• What the exercise asks: Could you filter the material and copy every line where the word "spatial" occurs?
◆ ◆ ◆ ◆ ◆
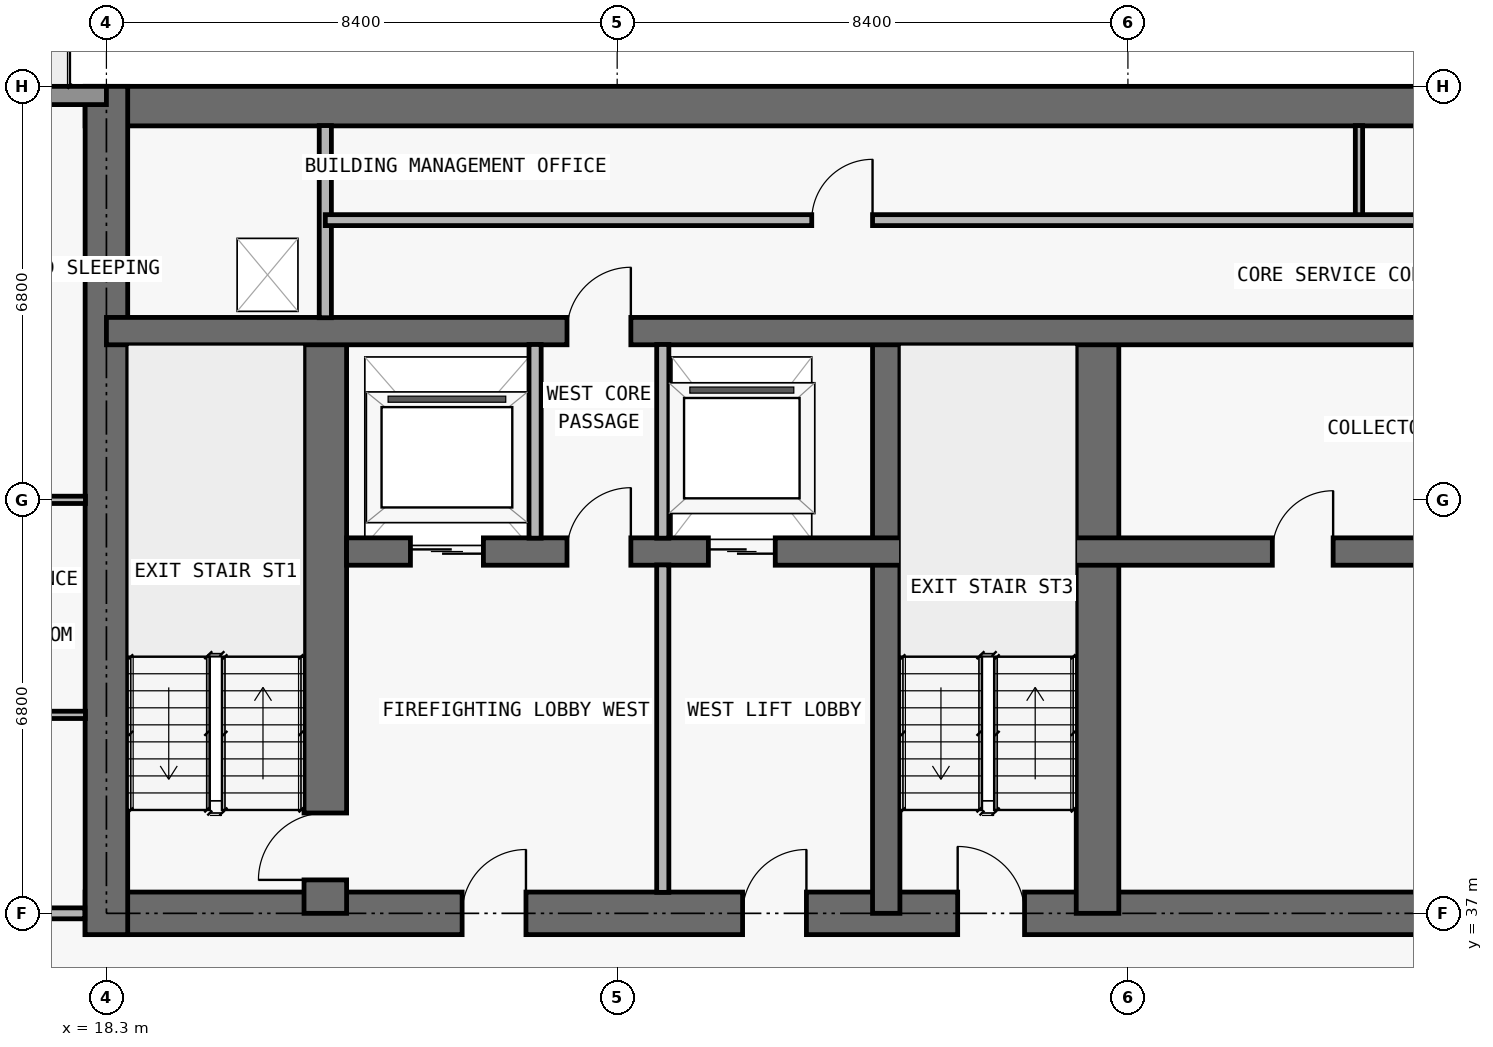
"""IFC4 building model, lengths in metres.
Left out: names, types, materials, properties, quantities, classifications, styles, units other than length and angle.
Written with IfcOpenShell. Run it as: python <this file> out.ifc"""

import sys

from ifc_helpers import new_model, si_unit, direction, frame, frame_2d, origin, place, context, subcontext, project, spatial, rectangle, extrude, element, fill, save


model = new_model("IFC4")
c1 = context("Model", 3, precision=1e-05, world=origin(), true_north=direction((0.0, 1.0)))
c2 = subcontext(c1, "Body", "Model", "MODEL_VIEW")
j1 = project(units=[si_unit("LENGTHUNIT", "METRE"), si_unit("PLANEANGLEUNIT", "RADIAN")], contexts=[c1])
p1 = place(None, origin())
s1 = spatial("IfcSite", under=j1, at=p1, CompositionType="ELEMENT")
p2 = place(p1, origin())
s2 = spatial("IfcBuilding", under=s1, at=p2, CompositionType="ELEMENT")
p3 = place(p2, frame((0.0, 0.0, 195.0)))
s3 = spatial("IfcBuildingStorey", under=s2, at=p3, CompositionType="ELEMENT", Elevation=195.0)
p4 = place(p3, frame((17.95, 37.0, 0.0), z_axis=(0.0, 0.0, 1.0), x_axis=(1.0, 0.0, 0.0)))
e1 = element("IfcWall", 1, at=p4, inside=s3, PredefinedType="SHEAR", context=c2, shape_type="SweptSolid", body=[
    extrude(rectangle(XDim=41.9, YDim=0.7, at=frame_2d((20.95, 0.0))), origin(), (0.0, 0.0, 1.0), 3.05),
])
p5 = place(p4, frame((14.35, 0.0, 0.0)))
e2 = element("IfcOpeningElement", 2, at=p5, cuts=e1, PredefinedType="OPENING", context=c2, shape_type="SweptSolid", body=[
    extrude(rectangle(XDim=1.1, YDim=2.15, at=frame_2d((0.55, 1.075))), frame((0.0, 0.36, 0.0), z_axis=(0.0, -1.0, 0.0), x_axis=(1.0, 0.0, 0.0)), (0.0, 0.0, 1.0), 0.72),
])
p6 = place(p4, frame((6.2, 0.0, 0.0)))
e3 = element("IfcOpeningElement", 3, at=p6, cuts=e1, PredefinedType="OPENING", context=c2, shape_type="SweptSolid", body=[
    extrude(rectangle(XDim=1.05, YDim=2.15, at=frame_2d((0.525, 1.075))), frame((0.0, 0.36, 0.0), z_axis=(0.0, -1.0, 0.0), x_axis=(1.0, 0.0, 0.0)), (0.0, 0.0, 1.0), 0.72),
])
p7 = place(p4, frame((34.7, 0.0, 0.0)))
e4 = element("IfcOpeningElement", 4, at=p7, cuts=e1, PredefinedType="OPENING", context=c2, shape_type="SweptSolid", body=[
    extrude(rectangle(XDim=1.05, YDim=2.15, at=frame_2d((0.525, 1.075))), frame((0.0, 0.36, 0.0), z_axis=(0.0, -1.0, 0.0), x_axis=(1.0, 0.0, 0.0)), (0.0, 0.0, 1.0), 0.72),
])
p8 = place(p4, frame((10.812, 0.0, 0.0)))
e5 = element("IfcOpeningElement", 5, at=p8, cuts=e1, PredefinedType="OPENING", context=c2, shape_type="SweptSolid", body=[
    extrude(rectangle(XDim=1.05, YDim=2.15, at=frame_2d((0.525, 1.075))), frame((0.0, 0.36, 0.0), z_axis=(0.0, -1.0, 0.0), x_axis=(1.0, 0.0, 0.0)), (0.0, 0.0, 1.0), 0.72),
])
p9 = place(p4, frame((24.05, 0.0, 0.0)))
e6 = element("IfcOpeningElement", 6, at=p9, cuts=e1, PredefinedType="OPENING", context=c2, shape_type="SweptSolid", body=[
    extrude(rectangle(XDim=1.05, YDim=2.15, at=frame_2d((0.525, 1.075))), frame((0.0, 0.36, 0.0), z_axis=(0.0, -1.0, 0.0), x_axis=(1.0, 0.0, 0.0)), (0.0, 0.0, 1.0), 0.72),
])
p10 = place(p3, frame((17.95, 50.275, 0.0), z_axis=(0.0, 0.0, 1.0), x_axis=(1.0, 0.0, 0.0)))
e7 = element("IfcWall", 7, at=p10, inside=s3, PredefinedType="SHEAR", context=c2, shape_type="SweptSolid", body=[
    extrude(rectangle(XDim=41.9, YDim=0.65, at=frame_2d((20.95, 0.0))), origin(), (0.0, 0.0, 1.0), 3.05),
])
p11 = place(p3, frame((18.3, 36.65, 0.0), z_axis=(0.0, 0.0, 1.0), x_axis=(0.0, 1.0, 0.0)))
e8 = element("IfcWall", 8, at=p11, inside=s3, PredefinedType="SHEAR", context=c2, shape_type="SweptSolid", body=[
    extrude(rectangle(XDim=13.95, YDim=0.7, at=frame_2d((6.975, 0.0))), origin(), (0.0, 0.0, 1.0), 3.05),
])
p12 = place(p3, frame((21.9, 37.0, 0.0), z_axis=(0.0, 0.0, 1.0), x_axis=(0.0, 1.0, 0.0)))
e9 = element("IfcWall", 9, at=p12, inside=s3, PredefinedType="SHEAR", context=c2, shape_type="SweptSolid", body=[
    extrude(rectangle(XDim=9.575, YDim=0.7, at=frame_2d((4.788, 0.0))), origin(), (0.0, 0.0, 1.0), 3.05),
◆ ◆ ◆ ◆ ◆
• Task response:
from ifc_helpers import new_model, si_unit, direction, frame, frame_2d, origin, place, context, subcontext, project, spatial, rectangle, extrude, element, fill, save
s1 = spatial("IfcSite", under=j1, at=p1, CompositionType="ELEMENT")
s2 = spatial("IfcBuilding", under=s1, at=p2, CompositionType="ELEMENT")
s3 = spatial("IfcBuildingStorey", under=s2, at=p3, CompositionType="ELEMENT", Elevation=195.0)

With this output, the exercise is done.